> _Task to carry out_: Return the entries verbatim and drop every picture.

┄┄┄┄┄┄┄┄┄┄

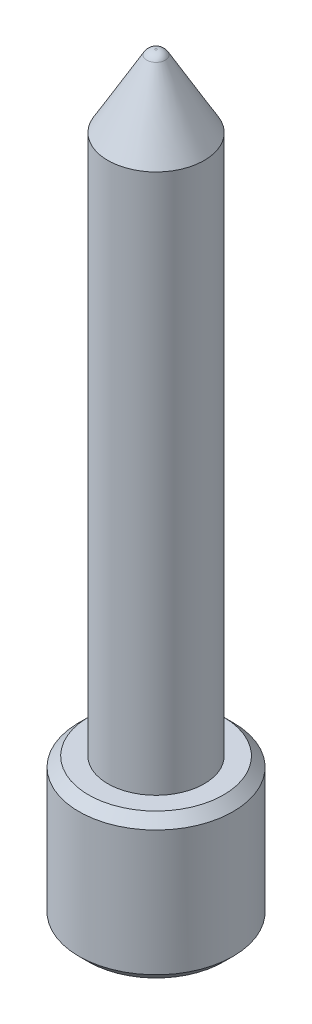
SolidWorks part; units mm, degrees
ref_plane "Front Plane" through (0, 0, 0) normal (0, 0, 1) x (1, 0, 0)
ref_plane "Top Plane" through (0, 0, 0) normal (0, 1, 0) x (1, 0, 0)
ref_plane "Right Plane" through (0, 0, 0) normal (1, 0, 0) x (0, 0, -1)
other "Configuration Table"
sketch "Sketch1" plane through (0, 0, 0) normal (0, 0, 1) x (1, 0, 0)
  line L0 (0, 0) -> (0, 78.4916) construction
  line L1 (-0.9634, 77.9916) -> (-5, 71)
  line L2 (-5, 71) -> (-5, 15)
  line L3 (-5, 15) -> (-8, 15)
  line L4 (-8, 15) -> (-8, 0)
  line L5 (-8, 0) -> (0, 0)
  line L6 (0, 0) -> (0, 78.4916)
  line L7 (-0.0974, 78.4916) -> (0, 78.4916)
  arc A0 (-0.0974, 78.4916) -> (-0.9634, 77.9916) centre (-0.0974, 77.4916) ccw
  dimension "D6" = 1
  dimension "D1" = 5
  dimension "D2" = 8
  dimension "D3" = 15
  dimension "D4" = 56
  dimension "D5" = 30
revolve "Revolve1" add sketch "Sketch1" angle 360 about L0
chamfer "Chamfer1" distance 1 angle 45 2 edges at (0, 15, -8) (0, 0, -8)
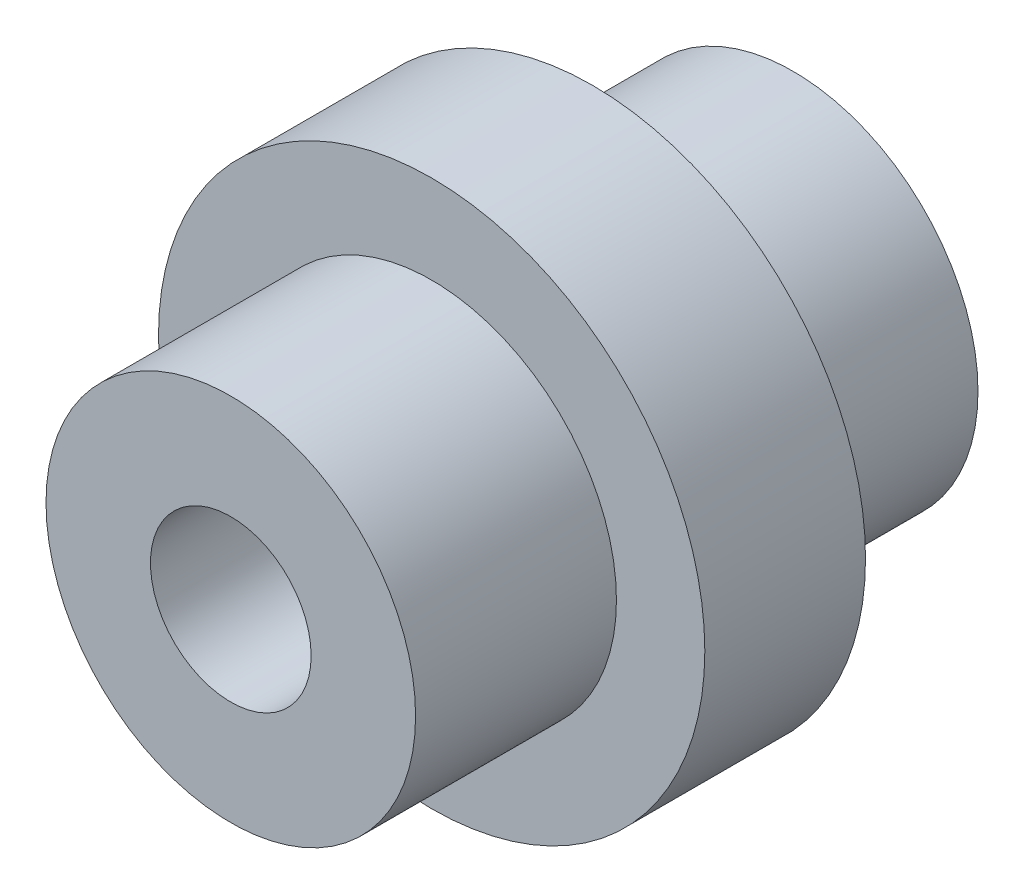
from build123d import *

# Parameters (mm, degrees)
SKETCH1_R           = 34
BOSS_EXTRUDE1_DEPTH = 10
SKETCH2_R           = 23
BOSS_EXTRUDE2_DEPTH = 25
SKETCH3_R           = 10
CUT_EXTRUDE1_DEPTH  = 17
SKETCH4_R           = 16
CUT_EXTRUDE2_DEPTH  = 17


with BuildPart() as part:
    # Sketch1 → Boss-Extrude1 (new, symmetric)
    with BuildSketch(Plane.XY):
        Circle(SKETCH1_R)
    extrude(amount=BOSS_EXTRUDE1_DEPTH, both=True)

    # Sketch2 → Boss-Extrude2 (add)
    with BuildSketch(Plane.XY.offset(10)):
        Circle(SKETCH2_R)
    boss_extrude2 = extrude(amount=BOSS_EXTRUDE2_DEPTH)

    # Mirror1: Boss-Extrude2 across plane
    add(boss_extrude2.mirror(Plane.XY))

    # Sketch3 → Cut-Extrude1 (cut)
    with BuildSketch(Plane.XY.offset(35)):
        Circle(SKETCH3_R)
    extrude(amount=-CUT_EXTRUDE1_DEPTH, mode=Mode.SUBTRACT)

    # Sketch4 → Cut-Extrude2 (cut)
    with BuildSketch(Plane(origin=(0, 0, -35), x_dir=(-1, 0, 0), z_dir=(0, 0, -1))):
        Circle(SKETCH4_R)
    extrude(amount=-CUT_EXTRUDE2_DEPTH, mode=Mode.SUBTRACT)


solid = part.part

┄┄┄┄┄┄┄┄┄┄

> _Answer to this problem_:
SolidWorks part; units mm, degrees
ref_plane "Front Plane" through (0, 0, 0) normal (0, 0, 1) x (1, 0, 0)
ref_plane "Top Plane" through (0, 0, 0) normal (0, 1, 0) x (1, 0, 0)
ref_plane "Right Plane" through (0, 0, 0) normal (1, 0, 0) x (0, 0, -1)
other "Configuration Table"
sketch "Sketch1" plane through (0, 0, 0) normal (0, 0, 1) x (1, 0, 0)
  line L0 (0, 0) -> (0, 78.4916) construction
  line L1 (-0.9634, 77.9916) -> (-5, 71)
  line L2 (-5, 71) -> (-5, 15)
  line L3 (-5, 15) -> (-8, 15)
  line L4 (-8, 15) -> (-8, 0)
  line L5 (-8, 0) -> (0, 0)
  line L6 (0, 0) -> (0, 78.4916)
  line L7 (-0.0974, 78.4916) -> (0, 78.4916)
  arc A0 (-0.0974, 78.4916) -> (-0.9634, 77.9916) centre (-0.0974, 77.4916) ccw
  dimension "D6" = 1
  dimension "D1" = 5
  dimension "D2" = 8
  dimension "D3" = 15
  dimension "D4" = 56
  dimension "D5" = 30
revolve "Revolve1" add sketch "Sketch1" angle 360 about L0
chamfer "Chamfer1" distance 1 angle 45 2 edges at (0, 15, -8) (0, 0, -8)
from build123d import *

# Parameters (mm, degrees)
SKETCH1_R           = 34
BOSS_EXTRUDE1_DEPTH = 10
SKETCH2_R           = 23
BOSS_EXTRUDE2_DEPTH = 25
SKETCH3_R           = 10
CUT_EXTRUDE1_DEPTH  = 17
SKETCH4_R           = 16
CUT_EXTRUDE2_DEPTH  = 17


with BuildPart() as part:
    # Sketch1 → Boss-Extrude1 (new, symmetric)
    with BuildSketch(Plane.XY):
        Circle(SKETCH1_R)
    extrude(amount=BOSS_EXTRUDE1_DEPTH, both=True)

    # Sketch2 → Boss-Extrude2 (add)
    with BuildSketch(Plane.XY.offset(10)):
        Circle(SKETCH2_R)
    boss_extrude2 = extrude(amount=BOSS_EXTRUDE2_DEPTH)

    # Mirror1: Boss-Extrude2 across plane
    add(boss_extrude2.mirror(Plane.XY))

    # Sketch3 → Cut-Extrude1 (cut)
    with BuildSketch(Plane.XY.offset(35)):
        Circle(SKETCH3_R)
    extrude(amount=-CUT_EXTRUDE1_DEPTH, mode=Mode.SUBTRACT)

    # Sketch4 → Cut-Extrude2 (cut)
    with BuildSketch(Plane(origin=(0, 0, -35), x_dir=(-1, 0, 0), z_dir=(0, 0, -1))):
        Circle(SKETCH4_R)
    extrude(amount=-CUT_EXTRUDE2_DEPTH, mode=Mode.SUBTRACT)


solid = part.part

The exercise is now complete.